BEGIN

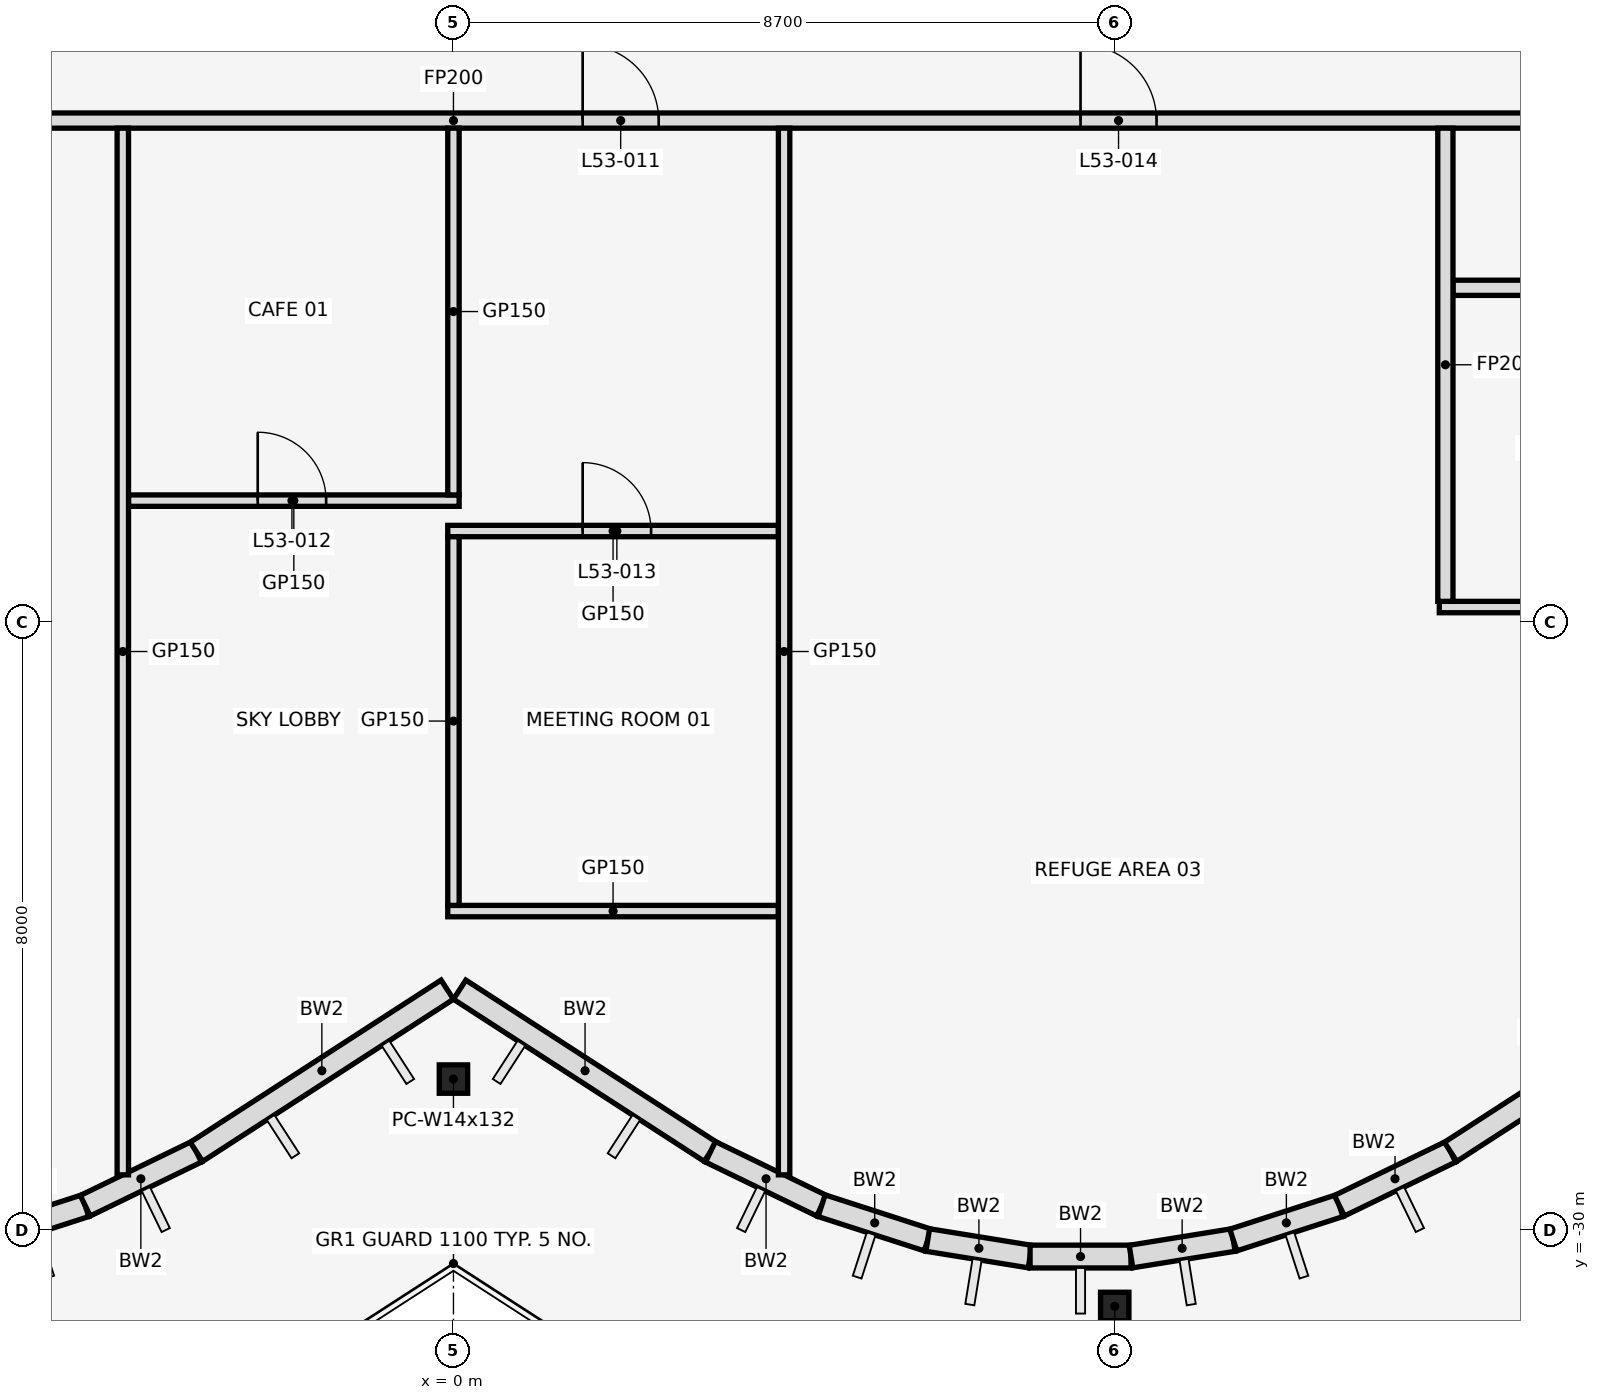
"""IFC4 building model, lengths in metres.
Left out: names, types, materials, properties, quantities, classifications, styles, units other than length and angle.
Written with IfcOpenShell. Run it as: python <this file> out.ifc"""

import sys

from ifc_helpers import new_model, si_unit, direction, frame, frame_2d, origin, origin_2d, place, context, subcontext, project, spatial, rectangle, i_section, extrude, element, fill, save


model = new_model("IFC4")
c1 = context("Model", 3, precision=1e-05, world=origin(), true_north=direction((0.0, 1.0)))
c2 = subcontext(c1, "Body", "Model", "MODEL_VIEW")
j1 = project(units=[si_unit("LENGTHUNIT", "METRE"), si_unit("PLANEANGLEUNIT", "RADIAN")], contexts=[c1])
p1 = place(None, origin())
s1 = spatial("IfcSite", under=j1, at=p1, CompositionType="ELEMENT")
p2 = place(p1, origin())
s2 = spatial("IfcBuilding", under=s1, at=p2, CompositionType="ELEMENT")
p3 = place(p2, frame((0.0, 0.0, 236.0)))
s3 = spatial("IfcBuildingStorey", under=s2, at=p3, CompositionType="ELEMENT", Elevation=236.0)
for number, where, z_axis, x_axis in (
    (1, (0.0, -28.01, 0.0), (0.0, 0.0, 1.0), (1.0, 0.0, 0.0)),
    (2, (8.7, -31.001, 0.0), (0.0, 0.0, 1.0), (1.0, 0.0, 0.0)),
):
    element("IfcColumn", number, at=place(p3, frame(where, z_axis=z_axis, x_axis=x_axis)), inside=s3, PredefinedType="COLUMN", context=c2, shape_type="SweptSolid", body=[
        extrude(i_section(OverallWidth=0.373, OverallDepth=0.373, WebThickness=0.016, FlangeThickness=0.026, at=origin_2d()), origin(), (0.0, 0.0, 1.0), 5.4),
    ])
p4 = place(p3, frame((-6.24, -30.127, 0.0), z_axis=(0.0, 0.0, 1.0), x_axis=(0.951539081691, 0.307527845919, 0.0)))
e3 = element("IfcWall", 3, at=p4, inside=s3, PredefinedType="STANDARD", context=c2, shape_type="SweptSolid", body=[
    extrude(rectangle(XDim=1.467, YDim=0.3, at=frame_2d((0.733, 0.0))), origin(), (0.0, 0.0, 1.0), 5.25),
])
p5 = place(p3, frame((-4.844, -29.676, 0.0), z_axis=(0.0, 0.0, 1.0), x_axis=(0.899798026589, 0.436306671214, 0.0)))
e4 = element("IfcWall", 4, at=p5, inside=s3, PredefinedType="STANDARD", context=c2, shape_type="SweptSolid", body=[
    extrude(rectangle(XDim=1.625, YDim=0.3, at=frame_2d((0.813, 0.0))), origin(), (0.0, 0.0, 1.0), 4.496),
])
for number, where, z_axis, x_axis in (
    (5, (-3.381, -28.967, 0.0), (0.0, 0.0, 1.0), (0.84, 0.543, 0.0)),
    (6, (0.081, -26.834, 0.0), (0.0, 0.0, 1.0), (0.84, -0.543, 0.0)),
):
    element("IfcWall", number, at=place(p3, frame(where, z_axis=z_axis, x_axis=x_axis)), inside=s3, PredefinedType="STANDARD", context=c2, shape_type="SweptSolid", body=[
        extrude(rectangle(XDim=3.929, YDim=0.3, at=frame_2d((1.965, 0.0))), origin(), (0.0, 0.0, 1.0), 4.572),
    ])
p6 = place(p3, frame((3.381, -28.967, 0.0), z_axis=(0.0, 0.0, 1.0), x_axis=(0.899798026589, -0.436306671214, 0.0)))
e7 = element("IfcWall", 7, at=p6, inside=s3, PredefinedType="STANDARD", context=c2, shape_type="SweptSolid", body=[
    extrude(rectangle(XDim=1.625, YDim=0.3, at=frame_2d((0.813, 0.0))), origin(), (0.0, 0.0, 1.0), 4.496),
])
p7 = place(p3, frame((4.844, -29.676, 0.0), z_axis=(0.0, 0.0, 1.0), x_axis=(0.951539081691, -0.307527845919, 0.0)))
e8 = element("IfcWall", 8, at=p7, inside=s3, PredefinedType="STANDARD", context=c2, shape_type="SweptSolid", body=[
    extrude(rectangle(XDim=1.467, YDim=0.3, at=frame_2d((0.733, 0.0))), origin(), (0.0, 0.0, 1.0), 5.25),
])
p8 = place(p3, frame((6.24, -30.127, 0.0), z_axis=(0.0, 0.0, 1.0), x_axis=(0.987194777017, -0.15951950423, 0.0)))
e9 = element("IfcWall", 9, at=p8, inside=s3, PredefinedType="STANDARD", context=c2, shape_type="SweptSolid", body=[
    extrude(rectangle(XDim=1.364, YDim=0.3, at=frame_2d((0.682, 0.0))), origin(), (0.0, 0.0, 1.0), 5.25),
])
p9 = place(p3, frame((7.586, -30.345, 0.0), z_axis=(0.0, 0.0, 1.0), x_axis=(1.0, 0.0, 0.0)))
e10 = element("IfcWall", 10, at=p9, inside=s3, PredefinedType="STANDARD", context=c2, shape_type="SweptSolid", body=[
    extrude(rectangle(XDim=1.328, YDim=0.3, at=frame_2d((0.664, 0.0))), origin(), (0.0, 0.0, 1.0), 4.414),
])
p10 = place(p3, frame((8.914, -30.345, 0.0), z_axis=(0.0, 0.0, 1.0), x_axis=(0.987194777017, 0.15951950423, 0.0)))
e11 = element("IfcWall", 11, at=p10, inside=s3, PredefinedType="STANDARD", context=c2, shape_type="SweptSolid", body=[
    extrude(rectangle(XDim=1.364, YDim=0.3, at=frame_2d((0.682, 0.0))), origin(), (0.0, 0.0, 1.0), 4.414),
])
p11 = place(p3, frame((10.26, -30.127, 0.0), z_axis=(0.0, 0.0, 1.0), x_axis=(0.951539081691, 0.307527845919, 0.0)))
e12 = element("IfcWall", 12, at=p11, inside=s3, PredefinedType="STANDARD", context=c2, shape_type="SweptSolid", body=[
    extrude(rectangle(XDim=1.467, YDim=0.3, at=frame_2d((0.733, 0.0))), origin(), (0.0, 0.0, 1.0), 5.25),
])
p12 = place(p3, frame((11.656, -29.676, 0.0), z_axis=(0.0, 0.0, 1.0), x_axis=(0.899798026589, 0.436306671214, 0.0)))
e13 = element("IfcWall", 13, at=p12, inside=s3, PredefinedType="STANDARD", context=c2, shape_type="SweptSolid", body=[
    extrude(rectangle(XDim=1.625, YDim=0.3, at=frame_2d((0.813, 0.0))), origin(), (0.0, 0.0, 1.0), 4.496),
])
p13 = place(p3, frame((13.119, -28.967, 0.0), z_axis=(0.0, 0.0, 1.0), x_axis=(0.839779682339, 0.542927329512, 0.0)))
e14 = element("IfcWall", 14, at=p13, inside=s3, PredefinedType="STANDARD", context=c2, shape_type="SweptSolid", body=[
    extrude(rectangle(XDim=2.875, YDim=0.3, at=frame_2d((1.438, 0.0))), origin(), (0.0, 0.0, 1.0), 4.496),
])
p14 = place(p3, frame((-0.075, -25.8, 0.0), z_axis=(0.0, 0.0, 1.0), x_axis=(1.0, 0.0, 0.0)))
e15 = element("IfcWall", 15, at=p14, inside=s3, PredefinedType="PARTITIONING", context=c2, shape_type="SweptSolid", body=[
    extrude(rectangle(XDim=4.35, YDim=0.15, at=frame_2d((2.175, 0.0))), origin(), (0.0, 0.0, 1.0), 4.318),
])
p15 = place(p3, frame((12.97, -21.8, 0.0), z_axis=(0.0, 0.0, 1.0), x_axis=(1.0, 0.0, 0.0)))
e16 = element("IfcWall", 16, at=p15, inside=s3, PredefinedType="PARTITIONING", context=c2, shape_type="SweptSolid", body=[
    extrude(rectangle(XDim=3.335, YDim=0.15, at=frame_2d((1.667, 0.0))), origin(), (0.0, 0.0, 1.0), 4.318),
])
p16 = place(p3, frame((-0.075, -20.8, 0.0), z_axis=(0.0, 0.0, 1.0), x_axis=(1.0, 0.0, 0.0)))
e17 = element("IfcWall", 17, at=p16, inside=s3, PredefinedType="PARTITIONING", context=c2, shape_type="SweptSolid", body=[
    extrude(rectangle(XDim=4.35, YDim=0.15, at=frame_2d((2.175, 0.0))), origin(), (0.0, 0.0, 1.0), 4.318),
])
p17 = place(p16, frame((1.775, 0.0, 0.0)))
e18 = element("IfcOpeningElement", 18, at=p17, cuts=e17, PredefinedType="OPENING", context=c2, shape_type="SweptSolid", body=[
    extrude(rectangle(XDim=0.9, YDim=2.1, at=frame_2d((0.45, 1.05))), frame((0.0, 0.087, 0.0), z_axis=(0.0, -1.0, 0.0), x_axis=(1.0, 0.0, 0.0)), (0.0, 0.0, 1.0), 0.174),
])
p18 = place(p3, frame((-4.275, -20.4, 0.0), z_axis=(0.0, 0.0, 1.0), x_axis=(1.0, 0.0, 0.0)))
e19 = element("IfcWall", 19, at=p18, inside=s3, PredefinedType="PARTITIONING", context=c2, shape_type="SweptSolid", body=[
    extrude(rectangle(XDim=4.35, YDim=0.15, at=frame_2d((2.175, 0.0))), origin(), (0.0, 0.0, 1.0), 4.318),
])
p19 = place(p18, frame((1.7, 0.0, 0.0)))
e20 = element("IfcOpeningElement", 20, at=p19, cuts=e19, PredefinedType="OPENING", context=c2, shape_type="SweptSolid", body=[
    extrude(rectangle(XDim=0.9, YDim=2.1, at=frame_2d((0.45, 1.05))), frame((0.0, 0.087, 0.0), z_axis=(0.0, -1.0, 0.0), x_axis=(1.0, 0.0, 0.0)), (0.0, 0.0, 1.0), 0.174),
])
p20 = place(p3, frame((13.15, -17.6, 0.0), z_axis=(0.0, 0.0, 1.0), x_axis=(1.0, 0.0, 0.0)))
e21 = element("IfcWall", 21, at=p20, inside=s3, PredefinedType="PARTITIONING", context=c2, shape_type="SweptSolid", body=[
    extrude(rectangle(XDim=8.5, YDim=0.2, at=frame_2d((4.25, 0.0))), origin(), (0.0, 0.0, 1.0), 4.318),
])
p21 = place(p20, frame((1.1, 0.0, 0.0)))
e22 = element("IfcOpeningElement", 22, at=p21, cuts=e21, PredefinedType="OPENING", context=c2, shape_type="SweptSolid", body=[
    extrude(rectangle(XDim=0.9, YDim=2.1, at=frame_2d((0.45, 1.05))), frame((0.0, 0.112, 0.0), z_axis=(0.0, -1.0, 0.0), x_axis=(1.0, 0.0, 0.0)), (0.0, 0.0, 1.0), 0.224),
])
p22 = place(p20, frame((4.3, 0.0, 0.0)))
e23 = element("IfcOpeningElement", 23, at=p22, cuts=e21, PredefinedType="OPENING", context=c2, shape_type="SweptSolid", body=[
    extrude(rectangle(XDim=0.9, YDim=2.1, at=frame_2d((0.45, 1.05))), frame((0.0, 0.112, 0.0), z_axis=(0.0, -1.0, 0.0), x_axis=(1.0, 0.0, 0.0)), (0.0, 0.0, 1.0), 0.224),
])
p23 = place(p20, frame((6.9, 0.0, 0.0)))
e24 = element("IfcOpeningElement", 24, at=p23, cuts=e21, PredefinedType="OPENING", context=c2, shape_type="SweptSolid", body=[
    extrude(rectangle(XDim=1.0, YDim=2.1, at=frame_2d((0.5, 1.05))), frame((0.0, 0.112, 0.0), z_axis=(0.0, -1.0, 0.0), x_axis=(1.0, 0.0, 0.0)), (0.0, 0.0, 1.0), 0.224),
])
p24 = place(p3, frame((-32.7, -15.4, 0.0), z_axis=(0.0, 0.0, 1.0), x_axis=(1.0, 0.0, 0.0)))
e25 = element("IfcWall", 25, at=p24, inside=s3, PredefinedType="PARTITIONING", context=c2, shape_type="SweptSolid", body=[
    extrude(rectangle(XDim=65.4, YDim=0.2, at=frame_2d((32.7, 0.0))), origin(), (0.0, 0.0, 1.0), 4.318),
])
p25 = place(p24, frame((0.7, 0.0, 0.0)))
e26 = element("IfcOpeningElement", 26, at=p25, cuts=e25, PredefinedType="OPENING", context=c2, shape_type="SweptSolid", body=[
    extrude(rectangle(XDim=0.9, YDim=2.1, at=frame_2d((0.45, 1.05))), frame((0.0, 0.112, 0.0), z_axis=(0.0, -1.0, 0.0), x_axis=(1.0, 0.0, 0.0)), (0.0, 0.0, 1.0), 0.224),
])
p26 = place(p24, frame((4.85, 0.0, 0.0)))
e27 = element("IfcOpeningElement", 27, at=p26, cuts=e25, PredefinedType="OPENING", context=c2, shape_type="SweptSolid", body=[
    extrude(rectangle(XDim=1.0, YDim=2.1, at=frame_2d((0.5, 1.05))), frame((0.0, 0.112, 0.0), z_axis=(0.0, -1.0, 0.0), x_axis=(1.0, 0.0, 0.0)), (0.0, 0.0, 1.0), 0.224),
])
p27 = place(p24, frame((14.85, 0.0, 0.0)))
e28 = element("IfcOpeningElement", 28, at=p27, cuts=e25, PredefinedType="OPENING", context=c2, shape_type="SweptSolid", body=[
    extrude(rectangle(XDim=1.0, YDim=2.1, at=frame_2d((0.5, 1.05))), frame((0.0, 0.112, 0.0), z_axis=(0.0, -1.0, 0.0), x_axis=(1.0, 0.0, 0.0)), (0.0, 0.0, 1.0), 0.224),
])
p28 = place(p24, frame((23.55, 0.0, 0.0)))
e29 = element("IfcOpeningElement", 29, at=p28, cuts=e25, PredefinedType="OPENING", context=c2, shape_type="SweptSolid", body=[
    extrude(rectangle(XDim=1.0, YDim=2.1, at=frame_2d((0.5, 1.05))), frame((0.0, 0.112, 0.0), z_axis=(0.0, -1.0, 0.0), x_axis=(1.0, 0.0, 0.0)), (0.0, 0.0, 1.0), 0.224),
])
p29 = place(p24, frame((34.4, 0.0, 0.0)))
e30 = element("IfcOpeningElement", 30, at=p29, cuts=e25, PredefinedType="OPENING", context=c2, shape_type="SweptSolid", body=[
    extrude(rectangle(XDim=1.0, YDim=2.1, at=frame_2d((0.5, 1.05))), frame((0.0, 0.112, 0.0), z_axis=(0.0, -1.0, 0.0), x_axis=(1.0, 0.0, 0.0)), (0.0, 0.0, 1.0), 0.224),
])
p30 = place(p24, frame((40.95, 0.0, 0.0)))
e31 = element("IfcOpeningElement", 31, at=p30, cuts=e25, PredefinedType="OPENING", context=c2, shape_type="SweptSolid", body=[
    extrude(rectangle(XDim=1.0, YDim=2.1, at=frame_2d((0.5, 1.05))), frame((0.0, 0.112, 0.0), z_axis=(0.0, -1.0, 0.0), x_axis=(1.0, 0.0, 0.0)), (0.0, 0.0, 1.0), 0.224),
])
p31 = place(p24, frame((49.65, 0.0, 0.0)))
e32 = element("IfcOpeningElement", 32, at=p31, cuts=e25, PredefinedType="OPENING", context=c2, shape_type="SweptSolid", body=[
    extrude(rectangle(XDim=0.9, YDim=2.1, at=frame_2d((0.45, 1.05))), frame((0.0, 0.112, 0.0), z_axis=(0.0, -1.0, 0.0), x_axis=(1.0, 0.0, 0.0)), (0.0, 0.0, 1.0), 0.224),
])
p32 = place(p24, frame((59.55, 0.0, 0.0)))
e33 = element("IfcOpeningElement", 33, at=p32, cuts=e25, PredefinedType="OPENING", context=c2, shape_type="SweptSolid", body=[
    extrude(rectangle(XDim=1.0, YDim=2.1, at=frame_2d((0.5, 1.05))), frame((0.0, 0.112, 0.0), z_axis=(0.0, -1.0, 0.0), x_axis=(1.0, 0.0, 0.0)), (0.0, 0.0, 1.0), 0.224),
])
p33 = place(p24, frame((63.85, 0.0, 0.0)))
e34 = element("IfcOpeningElement", 34, at=p33, cuts=e25, PredefinedType="OPENING", context=c2, shape_type="SweptSolid", body=[
    extrude(rectangle(XDim=0.9, YDim=2.1, at=frame_2d((0.45, 1.05))), frame((0.0, 0.112, 0.0), z_axis=(0.0, -1.0, 0.0), x_axis=(1.0, 0.0, 0.0)), (0.0, 0.0, 1.0), 0.224),
])
p34 = place(p3, frame((-4.35, -29.27, 0.0), z_axis=(0.0, 0.0, 1.0), x_axis=(0.0, 1.0, 0.0)))
e35 = element("IfcWall", 35, at=p34, inside=s3, PredefinedType="PARTITIONING", context=c2, shape_type="SweptSolid", body=[
    extrude(rectangle(XDim=13.77, YDim=0.15, at=frame_2d((6.885, 0.0))), origin(), (0.0, 0.0, 1.0), 4.318),
])
p35 = place(p3, frame((0.0, -25.725, 0.0), z_axis=(0.0, 0.0, 1.0), x_axis=(0.0, 1.0, 0.0)))
e36 = element("IfcWall", 36, at=p35, inside=s3, PredefinedType="PARTITIONING", context=c2, shape_type="SweptSolid", body=[
    extrude(rectangle(XDim=4.85, YDim=0.15, at=frame_2d((2.425, 0.0))), origin(), (0.0, 0.0, 1.0), 4.318),
])
p36 = place(p3, frame((0.0, -20.325, 0.0), z_axis=(0.0, 0.0, 1.0), x_axis=(0.0, 1.0, 0.0)))
e37 = element("IfcWall", 37, at=p36, inside=s3, PredefinedType="PARTITIONING", context=c2, shape_type="SweptSolid", body=[
    extrude(rectangle(XDim=4.825, YDim=0.15, at=frame_2d((2.413, 0.0))), origin(), (0.0, 0.0, 1.0), 4.318),
])
p37 = place(p3, frame((4.35, -29.27, 0.0), z_axis=(0.0, 0.0, 1.0), x_axis=(0.0, 1.0, 0.0)))
e38 = element("IfcWall", 38, at=p37, inside=s3, PredefinedType="PARTITIONING", context=c2, shape_type="SweptSolid", body=[
    extrude(rectangle(XDim=13.77, YDim=0.15, at=frame_2d((6.885, 0.0))), origin(), (0.0, 0.0, 1.0), 4.318),
])
p38 = place(p3, frame((13.05, -21.725, 0.0), z_axis=(0.0, 0.0, 1.0), x_axis=(0.0, 1.0, 0.0)))
e39 = element("IfcWall", 39, at=p38, inside=s3, PredefinedType="PARTITIONING", context=c2, shape_type="SweptSolid", body=[
    extrude(rectangle(XDim=6.225, YDim=0.2, at=frame_2d((3.113, 0.0))), origin(), (0.0, 0.0, 1.0), 4.318),
])
p39 = place(p29, frame((1.0, 0.0, 0.0), z_axis=(0.0, 0.0, 1.0), x_axis=(-1.0, 0.0, 0.0)))
e40 = element("IfcDoor", 40, at=p39, inside=s3, OperationType="SINGLE_SWING_RIGHT", PredefinedType="DOOR", context=c2, shape_type="SweptSolid", body=[
    extrude(rectangle(XDim=1.0, YDim=2.1, at=frame_2d((0.5, 1.05))), frame((0.0, 0.025, 0.0), z_axis=(0.0, -1.0, 0.0), x_axis=(1.0, 0.0, 0.0)), (0.0, 0.0, 1.0), 0.05),
])
fill(e30, e40)
p40 = place(p19, origin())
e41 = element("IfcDoor", 41, at=p40, inside=s3, OperationType="SINGLE_SWING_RIGHT", PredefinedType="DOOR", context=c2, shape_type="SweptSolid", body=[
    extrude(rectangle(XDim=0.9, YDim=2.1, at=frame_2d((0.45, 1.05))), frame((0.0, 0.025, 0.0), z_axis=(0.0, -1.0, 0.0), x_axis=(1.0, 0.0, 0.0)), (0.0, 0.0, 1.0), 0.05),
])
fill(e20, e41)
p41 = place(p17, frame((0.9, 0.0, 0.0), z_axis=(0.0, 0.0, 1.0), x_axis=(-1.0, 0.0, 0.0)))
e42 = element("IfcDoor", 42, at=p41, inside=s3, OperationType="SINGLE_SWING_LEFT", PredefinedType="DOOR", context=c2, shape_type="SweptSolid", body=[
    extrude(rectangle(XDim=0.9, YDim=2.1, at=frame_2d((0.45, 1.05))), frame((0.0, 0.025, 0.0), z_axis=(0.0, -1.0, 0.0), x_axis=(1.0, 0.0, 0.0)), (0.0, 0.0, 1.0), 0.05),
])
fill(e18, e42)
p42 = place(p30, frame((1.0, 0.0, 0.0), z_axis=(0.0, 0.0, 1.0), x_axis=(-1.0, 0.0, 0.0)))
e43 = element("IfcDoor", 43, at=p42, inside=s3, OperationType="SINGLE_SWING_RIGHT", PredefinedType="DOOR", context=c2, shape_type="SweptSolid", body=[
    extrude(rectangle(XDim=1.0, YDim=2.1, at=frame_2d((0.5, 1.05))), frame((0.0, 0.025, 0.0), z_axis=(0.0, -1.0, 0.0), x_axis=(1.0, 0.0, 0.0)), (0.0, 0.0, 1.0), 0.05),
])
fill(e31, e43)
save(model, sys.argv[1])

END

__INSTRUCTIONS TO FOLLOW__
Which lines in the listing above include the string "under"? Copy each of them.

__ANSWER SECTION__
s1 = spatial("IfcSite", under=j1, at=p1, CompositionType="ELEMENT")
s2 = spatial("IfcBuilding", under=s1, at=p2, CompositionType="ELEMENT")
s3 = spatial("IfcBuildingStorey", under=s2, at=p3, CompositionType="ELEMENT", Elevation=236.0)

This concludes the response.